• **YOUR TASK**: Read through the data and count the lines that contain the string "MappedRepresentation"; give only the result.

Content starts

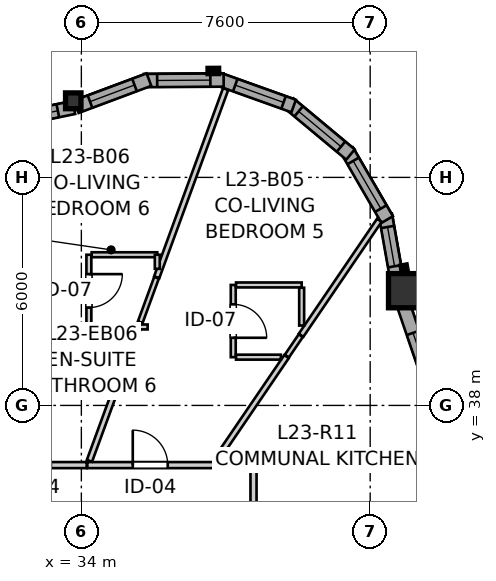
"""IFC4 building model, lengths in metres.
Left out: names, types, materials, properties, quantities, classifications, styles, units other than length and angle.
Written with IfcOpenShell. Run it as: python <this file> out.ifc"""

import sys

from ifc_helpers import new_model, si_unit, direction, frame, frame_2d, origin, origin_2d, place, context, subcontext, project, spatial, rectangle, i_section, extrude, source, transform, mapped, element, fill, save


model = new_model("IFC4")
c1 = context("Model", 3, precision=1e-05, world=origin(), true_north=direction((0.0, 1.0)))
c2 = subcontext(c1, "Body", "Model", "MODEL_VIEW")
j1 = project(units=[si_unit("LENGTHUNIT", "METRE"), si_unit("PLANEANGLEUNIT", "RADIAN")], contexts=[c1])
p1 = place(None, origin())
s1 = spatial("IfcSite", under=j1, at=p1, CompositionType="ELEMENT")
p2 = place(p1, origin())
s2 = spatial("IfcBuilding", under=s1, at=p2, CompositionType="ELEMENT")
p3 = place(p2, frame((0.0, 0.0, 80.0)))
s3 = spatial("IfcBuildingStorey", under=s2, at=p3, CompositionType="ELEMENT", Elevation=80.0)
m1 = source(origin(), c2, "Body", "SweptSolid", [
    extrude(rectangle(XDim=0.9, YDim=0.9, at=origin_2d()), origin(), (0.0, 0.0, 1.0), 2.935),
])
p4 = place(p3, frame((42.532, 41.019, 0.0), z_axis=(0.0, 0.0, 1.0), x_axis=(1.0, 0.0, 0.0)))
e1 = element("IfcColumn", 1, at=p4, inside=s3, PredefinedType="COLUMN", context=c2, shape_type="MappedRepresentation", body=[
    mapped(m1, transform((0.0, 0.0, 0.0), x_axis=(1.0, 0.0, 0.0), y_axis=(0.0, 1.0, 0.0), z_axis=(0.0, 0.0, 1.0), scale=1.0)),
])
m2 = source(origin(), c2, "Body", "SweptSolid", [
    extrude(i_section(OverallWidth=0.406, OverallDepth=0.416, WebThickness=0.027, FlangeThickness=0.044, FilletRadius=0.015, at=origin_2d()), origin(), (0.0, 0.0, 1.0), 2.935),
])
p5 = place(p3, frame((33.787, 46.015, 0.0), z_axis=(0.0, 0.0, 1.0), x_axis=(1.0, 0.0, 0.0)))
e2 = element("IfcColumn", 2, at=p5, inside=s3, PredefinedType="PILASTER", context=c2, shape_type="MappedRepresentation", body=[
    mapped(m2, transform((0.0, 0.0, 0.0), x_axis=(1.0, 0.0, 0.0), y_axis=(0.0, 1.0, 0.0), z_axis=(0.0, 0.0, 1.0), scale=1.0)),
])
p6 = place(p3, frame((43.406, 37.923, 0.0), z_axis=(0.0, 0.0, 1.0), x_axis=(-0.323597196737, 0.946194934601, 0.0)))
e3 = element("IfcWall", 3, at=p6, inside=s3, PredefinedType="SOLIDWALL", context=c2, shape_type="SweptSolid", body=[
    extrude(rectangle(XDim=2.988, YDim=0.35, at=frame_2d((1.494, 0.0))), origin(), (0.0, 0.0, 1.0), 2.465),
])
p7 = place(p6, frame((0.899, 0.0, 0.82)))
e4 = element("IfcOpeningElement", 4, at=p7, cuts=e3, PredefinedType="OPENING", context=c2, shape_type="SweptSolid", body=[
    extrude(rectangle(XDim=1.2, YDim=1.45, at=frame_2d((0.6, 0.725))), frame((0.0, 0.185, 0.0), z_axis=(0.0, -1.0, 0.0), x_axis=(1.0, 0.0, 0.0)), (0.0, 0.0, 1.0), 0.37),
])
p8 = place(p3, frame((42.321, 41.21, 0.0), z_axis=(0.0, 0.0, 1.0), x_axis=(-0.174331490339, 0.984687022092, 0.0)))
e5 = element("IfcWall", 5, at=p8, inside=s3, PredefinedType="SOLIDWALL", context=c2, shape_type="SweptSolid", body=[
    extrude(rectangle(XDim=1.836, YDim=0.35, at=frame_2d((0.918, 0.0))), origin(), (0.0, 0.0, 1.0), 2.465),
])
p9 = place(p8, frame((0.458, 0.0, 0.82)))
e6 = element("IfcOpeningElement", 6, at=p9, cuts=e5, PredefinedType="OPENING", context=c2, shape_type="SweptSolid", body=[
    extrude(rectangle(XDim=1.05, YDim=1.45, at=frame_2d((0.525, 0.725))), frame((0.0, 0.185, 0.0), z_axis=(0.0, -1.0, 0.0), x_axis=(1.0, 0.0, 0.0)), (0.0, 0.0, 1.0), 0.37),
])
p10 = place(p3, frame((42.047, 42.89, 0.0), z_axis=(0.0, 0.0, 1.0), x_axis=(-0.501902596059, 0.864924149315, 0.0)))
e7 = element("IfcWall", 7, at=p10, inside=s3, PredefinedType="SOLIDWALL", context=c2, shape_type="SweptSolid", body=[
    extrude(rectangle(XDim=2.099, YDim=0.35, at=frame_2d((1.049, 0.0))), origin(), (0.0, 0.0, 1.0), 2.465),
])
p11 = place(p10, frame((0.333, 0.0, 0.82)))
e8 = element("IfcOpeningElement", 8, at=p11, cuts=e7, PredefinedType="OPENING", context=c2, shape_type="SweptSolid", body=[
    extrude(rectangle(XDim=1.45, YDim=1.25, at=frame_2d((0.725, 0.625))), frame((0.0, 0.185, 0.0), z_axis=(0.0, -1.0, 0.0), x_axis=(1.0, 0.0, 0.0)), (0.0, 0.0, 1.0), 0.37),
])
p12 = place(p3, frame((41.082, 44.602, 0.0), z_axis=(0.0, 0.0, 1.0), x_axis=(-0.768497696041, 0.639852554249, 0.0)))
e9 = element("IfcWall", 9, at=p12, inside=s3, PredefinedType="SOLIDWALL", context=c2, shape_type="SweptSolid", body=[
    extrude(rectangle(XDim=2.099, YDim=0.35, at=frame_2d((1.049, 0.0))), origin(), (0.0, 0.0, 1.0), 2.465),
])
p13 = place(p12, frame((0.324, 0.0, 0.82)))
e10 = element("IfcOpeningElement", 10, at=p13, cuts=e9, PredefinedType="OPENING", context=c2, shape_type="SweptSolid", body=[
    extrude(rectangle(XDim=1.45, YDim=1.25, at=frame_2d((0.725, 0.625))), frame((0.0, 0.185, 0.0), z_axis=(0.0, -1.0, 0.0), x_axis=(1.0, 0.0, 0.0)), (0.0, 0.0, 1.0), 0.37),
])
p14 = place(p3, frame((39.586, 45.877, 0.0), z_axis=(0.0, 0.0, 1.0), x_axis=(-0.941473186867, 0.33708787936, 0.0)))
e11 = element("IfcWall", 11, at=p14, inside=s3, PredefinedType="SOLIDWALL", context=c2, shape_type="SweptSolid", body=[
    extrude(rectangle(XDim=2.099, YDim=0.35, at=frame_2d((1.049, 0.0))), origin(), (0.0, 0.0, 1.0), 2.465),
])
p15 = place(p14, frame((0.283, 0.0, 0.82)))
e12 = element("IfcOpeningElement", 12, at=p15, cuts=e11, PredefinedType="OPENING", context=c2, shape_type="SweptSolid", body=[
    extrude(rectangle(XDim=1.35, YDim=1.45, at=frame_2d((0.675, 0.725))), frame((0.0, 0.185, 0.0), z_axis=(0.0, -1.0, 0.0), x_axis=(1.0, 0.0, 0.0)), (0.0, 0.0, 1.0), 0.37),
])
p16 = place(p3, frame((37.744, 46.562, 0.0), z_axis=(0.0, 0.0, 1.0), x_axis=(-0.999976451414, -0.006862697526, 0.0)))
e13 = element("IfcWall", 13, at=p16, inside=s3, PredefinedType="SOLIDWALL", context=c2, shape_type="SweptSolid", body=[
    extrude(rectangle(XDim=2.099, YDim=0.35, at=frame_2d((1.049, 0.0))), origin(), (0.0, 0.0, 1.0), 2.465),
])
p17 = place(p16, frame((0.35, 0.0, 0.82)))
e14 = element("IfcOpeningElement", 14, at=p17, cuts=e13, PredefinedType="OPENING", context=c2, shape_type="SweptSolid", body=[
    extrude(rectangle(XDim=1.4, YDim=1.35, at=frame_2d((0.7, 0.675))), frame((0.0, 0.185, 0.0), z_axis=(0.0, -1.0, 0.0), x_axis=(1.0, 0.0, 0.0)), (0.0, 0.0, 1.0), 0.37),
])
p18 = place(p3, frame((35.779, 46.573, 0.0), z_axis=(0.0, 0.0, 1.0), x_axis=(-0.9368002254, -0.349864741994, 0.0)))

Content ends

• **RESPONSE**: 2